*Work instruction*: Leave every picture out and give back the lines below from the first through the line that holds "#7=PRESENTATION_STYLE_ASSIGNMENT((#6));", exactly as written.

Items from a data source

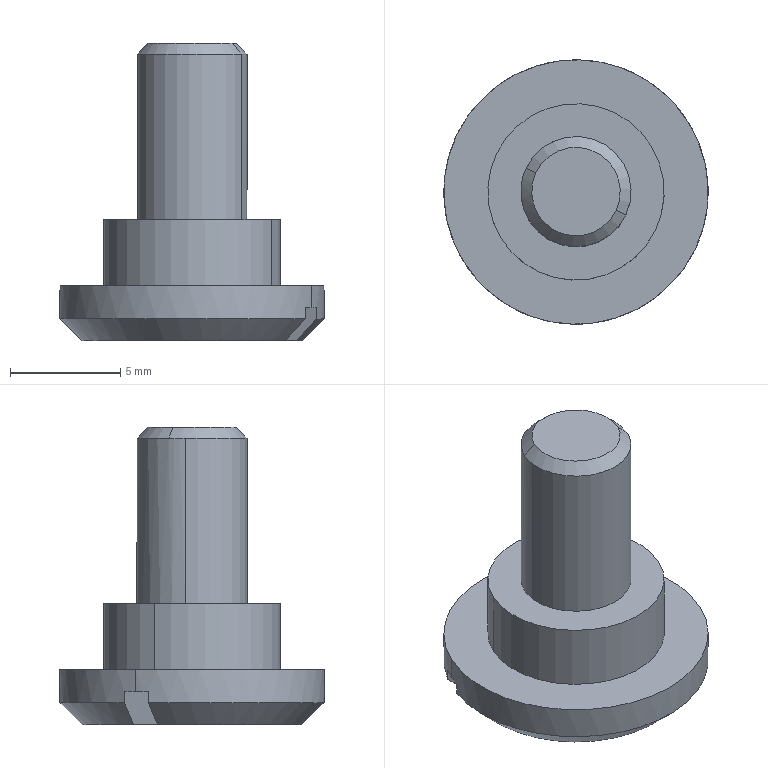Component | SolidWorks | StepScrewForFulcrumMJR06_D8_L3_A12_E2_5_F8-1 | 1 solid | 18 faces | box 12 x 12 x 13.5 mm | volume 551 mm3 | plane 8 | cylinder 6 | cone 4 | commonest cylinder face diameters 12 x2 8 x2 5 x2
STEP:
#1=COLOUR_RGB('',0.7922,0.8196,0.9333);
#2=FILL_AREA_STYLE_COLOUR('',#1);
#3=FILL_AREA_STYLE('',(#2));
#4=SURFACE_STYLE_FILL_AREA(#3);
#5=SURFACE_SIDE_STYLE('',(#4));
#6=SURFACE_STYLE_USAGE(.BOTH.,#5);
#7=PRESENTATION_STYLE_ASSIGNMENT((#6));
#8=CARTESIAN_POINT('',(-3.218,-0.3715,-1.319));
#9=VERTEX_POINT('',#8);
#10=CARTESIAN_POINT('',(-2.865,-0.5374,-1.319));
#11=VERTEX_POINT('',#10);
#12=CARTESIAN_POINT('',(-3.031,-0.4331,-1.319));
#13=DIRECTION('',(0.,0.,1.));
#14=DIRECTION('',(0.9055,-0.4244,0.));
#15=AXIS2_PLACEMENT_3D('',#12,#13,#14);
#16=CIRCLE('',#15,0.1969);
#17=EDGE_CURVE('',#9,#11,#16,.T.);
#18=ORIENTED_EDGE('',*,*,#17,.F.);
#19=CARTESIAN_POINT('',(-2.828,-0.5547,-1.319));
#20=DIRECTION('',(-0.9055,0.4244,-0.));
#21=VECTOR('',#20,39.37);
#22=LINE('',#19,#21);
#23=EDGE_CURVE('',#11,#9,#22,.T.);
#24=ORIENTED_EDGE('',*,*,#23,.F.);
#25=EDGE_LOOP('',(#18,#24));
#26=FACE_OUTER_BOUND('',#25,.T.);
#27=CARTESIAN_POINT('',(-3.031,-0.4331,-1.319));
#28=DIRECTION('',(0.,0.,1.));
#29=DIRECTION('',(0.9055,-0.4244,0.));
#30=AXIS2_PLACEMENT_3D('',#27,#28,#29);
#31=PLANE('',#30);
#32=ADVANCED_FACE('',(#26),#31,.F.);
#33=ORIENTED_EDGE('',*,*,#23,.T.);
#34=CARTESIAN_POINT('',(-3.254,-0.3547,-1.28));
#35=VERTEX_POINT('',#34);
#36=CARTESIAN_POINT('',(-3.254,-0.3547,-1.28));
#37=CARTESIAN_POINT('',(-3.242,-0.3603,-1.293));
#38=CARTESIAN_POINT('',(-3.23,-0.3659,-1.306));
#39=CARTESIAN_POINT('',(-3.218,-0.3715,-1.319));
#40=B_SPLINE_CURVE_WITH_KNOTS('',3,(#36,#37,#38,#39),.UNSPECIFIED.,.F.,.F.,(4,4),(0.,1.),.UNSPECIFIED.);
#41=EDGE_CURVE('',#35,#9,#40,.T.);
#42=ORIENTED_EDGE('',*,*,#41,.F.);
#43=CARTESIAN_POINT('',(-3.254,-0.3547,-1.26));
#44=VERTEX_POINT('',#43);
#45=CARTESIAN_POINT('',(-3.254,-0.3547,-1.22));
#46=DIRECTION('',(-0.,-0.,-1.));
#47=VECTOR('',#46,39.37);
#48=LINE('',#45,#47);
#49=EDGE_CURVE('',#44,#35,#48,.T.);
#50=ORIENTED_EDGE('',*,*,#49,.F.);
#51=CARTESIAN_POINT('',(-2.829,-0.5542,-1.26));
#52=VERTEX_POINT('',#51);
#53=CARTESIAN_POINT('',(-2.828,-0.5547,-1.26));
#54=DIRECTION('',(-0.9055,0.4244,-0.));
#55=VECTOR('',#54,39.37);
#56=LINE('',#53,#55);
#57=EDGE_CURVE('',#52,#44,#56,.T.);
#58=ORIENTED_EDGE('',*,*,#57,.F.);
#59=CARTESIAN_POINT('',(-2.829,-0.5542,-1.28));
#60=VERTEX_POINT('',#59);
#61=CARTESIAN_POINT('',(-2.829,-0.5542,-1.22));
#62=DIRECTION('',(0.,0.,1.));
#63=VECTOR('',#62,39.37);
#64=LINE('',#61,#63);
#65=EDGE_CURVE('',#60,#52,#64,.T.);
#66=ORIENTED_EDGE('',*,*,#65,.F.);
#67=CARTESIAN_POINT('',(-2.865,-0.5374,-1.319));
#68=CARTESIAN_POINT('',(-2.853,-0.543,-1.306));
#69=CARTESIAN_POINT('',(-2.841,-0.5486,-1.293));
#70=CARTESIAN_POINT('',(-2.829,-0.5542,-1.28));
#71=B_SPLINE_CURVE_WITH_KNOTS('',3,(#67,#68,#69,#70),.UNSPECIFIED.,.F.,.F.,(4,4),(0.,1.),.UNSPECIFIED.);
#72=EDGE_CURVE('',#11,#60,#71,.T.);
#73=ORIENTED_EDGE('',*,*,#72,.F.);
#74=EDGE_LOOP('',(#33,#42,#50,#58,#66,#73));
#75=FACE_OUTER_BOUND('',#74,.T.);
#76=CARTESIAN_POINT('',(-2.828,-0.5547,-1.26));
#77=DIRECTION('',(-0.4244,-0.9055,0.));
#78=DIRECTION('',(0.,0.,1.));
#79=AXIS2_PLACEMENT_3D('',#76,#77,#78);
#80=PLANE('',#79);
#81=ADVANCED_FACE('',(#75),#80,.F.);
#82=CARTESIAN_POINT('',(-3.031,-0.4331,-1.28));
#83=DIRECTION('',(0.,0.,1.));
#84=DIRECTION('',(0.9055,-0.4244,0.));
#85=AXIS2_PLACEMENT_3D('',#82,#83,#84);
#86=CIRCLE('',#85,0.2362);
#87=EDGE_CURVE('',#35,#60,#86,.T.);
#88=ORIENTED_EDGE('',*,*,#87,.F.);
#89=ORIENTED_EDGE('',*,*,#41,.T.);
#90=ORIENTED_EDGE('',*,*,#17,.T.);
#91=ORIENTED_EDGE('',*,*,#72,.T.);
#92=EDGE_LOOP('',(#88,#89,#90,#91));
#93=FACE_OUTER_BOUND('',#92,.T.);
#94=CARTESIAN_POINT('',(-3.031,-0.4331,-1.319));
#95=DIRECTION('',(0.,0.,1.));
#96=DIRECTION('',(0.4244,0.9055,0.));
#97=AXIS2_PLACEMENT_3D('',#94,#95,#96);
#98=CONICAL_SURFACE('',#97,0.1969,0.7854);
#99=ADVANCED_FACE('',(#93),#98,.T.);
#100=CARTESIAN_POINT('',(-3.245,-0.3328,-1.26));
#101=VERTEX_POINT('',#100);
#102=CARTESIAN_POINT('',(-3.245,-0.3328,-1.22));
#103=VERTEX_POINT('',#102);
#104=CARTESIAN_POINT('',(-3.245,-0.3328,-1.26));
#105=DIRECTION('',(0.,0.,1.));
#106=VECTOR('',#105,39.37);
#107=LINE('',#104,#106);
#108=EDGE_CURVE('',#101,#103,#107,.T.);
#109=ORIENTED_EDGE('',*,*,#108,.F.);
#110=CARTESIAN_POINT('',(-3.031,-0.4331,-1.26));
#111=DIRECTION('',(-0.,-0.,-1.));
#112=DIRECTION('',(-0.9055,0.4244,0.));
#113=AXIS2_PLACEMENT_3D('',#110,#111,#112);
#114=CIRCLE('',#113,0.2362);
#115=EDGE_CURVE('',#44,#101,#114,.T.);
#116=ORIENTED_EDGE('',*,*,#115,.F.);
#117=ORIENTED_EDGE('',*,*,#49,.T.);
#118=ORIENTED_EDGE('',*,*,#87,.T.);
#119=ORIENTED_EDGE('',*,*,#65,.T.);
#120=CARTESIAN_POINT('',(-2.818,-0.5333,-1.26));
#121=VERTEX_POINT('',#120);
#122=CARTESIAN_POINT('',(-3.031,-0.4331,-1.26));
#123=DIRECTION('',(-0.,-0.,-1.));
#124=DIRECTION('',(-0.9055,0.4244,0.));
#125=AXIS2_PLACEMENT_3D('',#122,#123,#124);
#126=CIRCLE('',#125,0.2362);
#127=EDGE_CURVE('',#121,#52,#126,.T.);
#128=ORIENTED_EDGE('',*,*,#127,.F.);
#129=CARTESIAN_POINT('',(-2.818,-0.5333,-1.22));
#130=VERTEX_POINT('',#129);
#131=CARTESIAN_POINT('',(-2.818,-0.5333,-1.26));
#132=DIRECTION('',(0.,0.,1.));
#133=VECTOR('',#132,39.37);
#134=LINE('',#131,#133);
#135=EDGE_CURVE('',#121,#130,#134,.T.);
#136=ORIENTED_EDGE('',*,*,#135,.T.);
#137=CARTESIAN_POINT('',(-3.031,-0.4331,-1.22));
#138=DIRECTION('',(0.,0.,1.));
#139=DIRECTION('',(0.9055,-0.4244,0.));
#140=AXIS2_PLACEMENT_3D('',#137,#138,#139);
#141=CIRCLE('',#140,0.2362);
#142=EDGE_CURVE('',#103,#130,#141,.T.);
#143=ORIENTED_EDGE('',*,*,#142,.F.);
#144=EDGE_LOOP('',(#109,#116,#117,#118,#119,#128,#136,#143));
#145=FACE_OUTER_BOUND('',#144,.T.);
#146=CARTESIAN_POINT('',(-3.031,-0.4331,-1.22));
#147=DIRECTION('',(0.,0.,1.));
#148=DIRECTION('',(0.4244,0.9055,0.));
#149=AXIS2_PLACEMENT_3D('',#146,#147,#148);
#150=CYLINDRICAL_SURFACE('',#149,0.2362);
#151=ADVANCED_FACE('',(#145),#150,.T.);
#152=CARTESIAN_POINT('',(-3.174,-0.3662,-1.22));
#153=VERTEX_POINT('',#152);
#154=CARTESIAN_POINT('',(-2.889,-0.4999,-1.22));
#155=VERTEX_POINT('',#154);
#156=CARTESIAN_POINT('',(-3.031,-0.4331,-1.22));
#157=DIRECTION('',(0.,0.,1.));
#158=DIRECTION('',(0.9055,-0.4244,0.));
#159=AXIS2_PLACEMENT_3D('',#156,#157,#158);
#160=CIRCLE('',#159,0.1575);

*Response area*:
Component | SolidWorks | StepScrewForFulcrumMJR06_D8_L3_A12_E2_5_F8-1 | 1 solid | 18 faces | box 12 x 12 x 13.5 mm | volume 551 mm3 | plane 8 | cylinder 6 | cone 4 | commonest cylinder face diameters 12 x2 8 x2 5 x2
STEP:
#1=COLOUR_RGB('',0.7922,0.8196,0.9333);
#2=FILL_AREA_STYLE_COLOUR('',#1);
#3=FILL_AREA_STYLE('',(#2));
#4=SURFACE_STYLE_FILL_AREA(#3);
#5=SURFACE_SIDE_STYLE('',(#4));
#6=SURFACE_STYLE_USAGE(.BOTH.,#5);
#7=PRESENTATION_STYLE_ASSIGNMENT((#6));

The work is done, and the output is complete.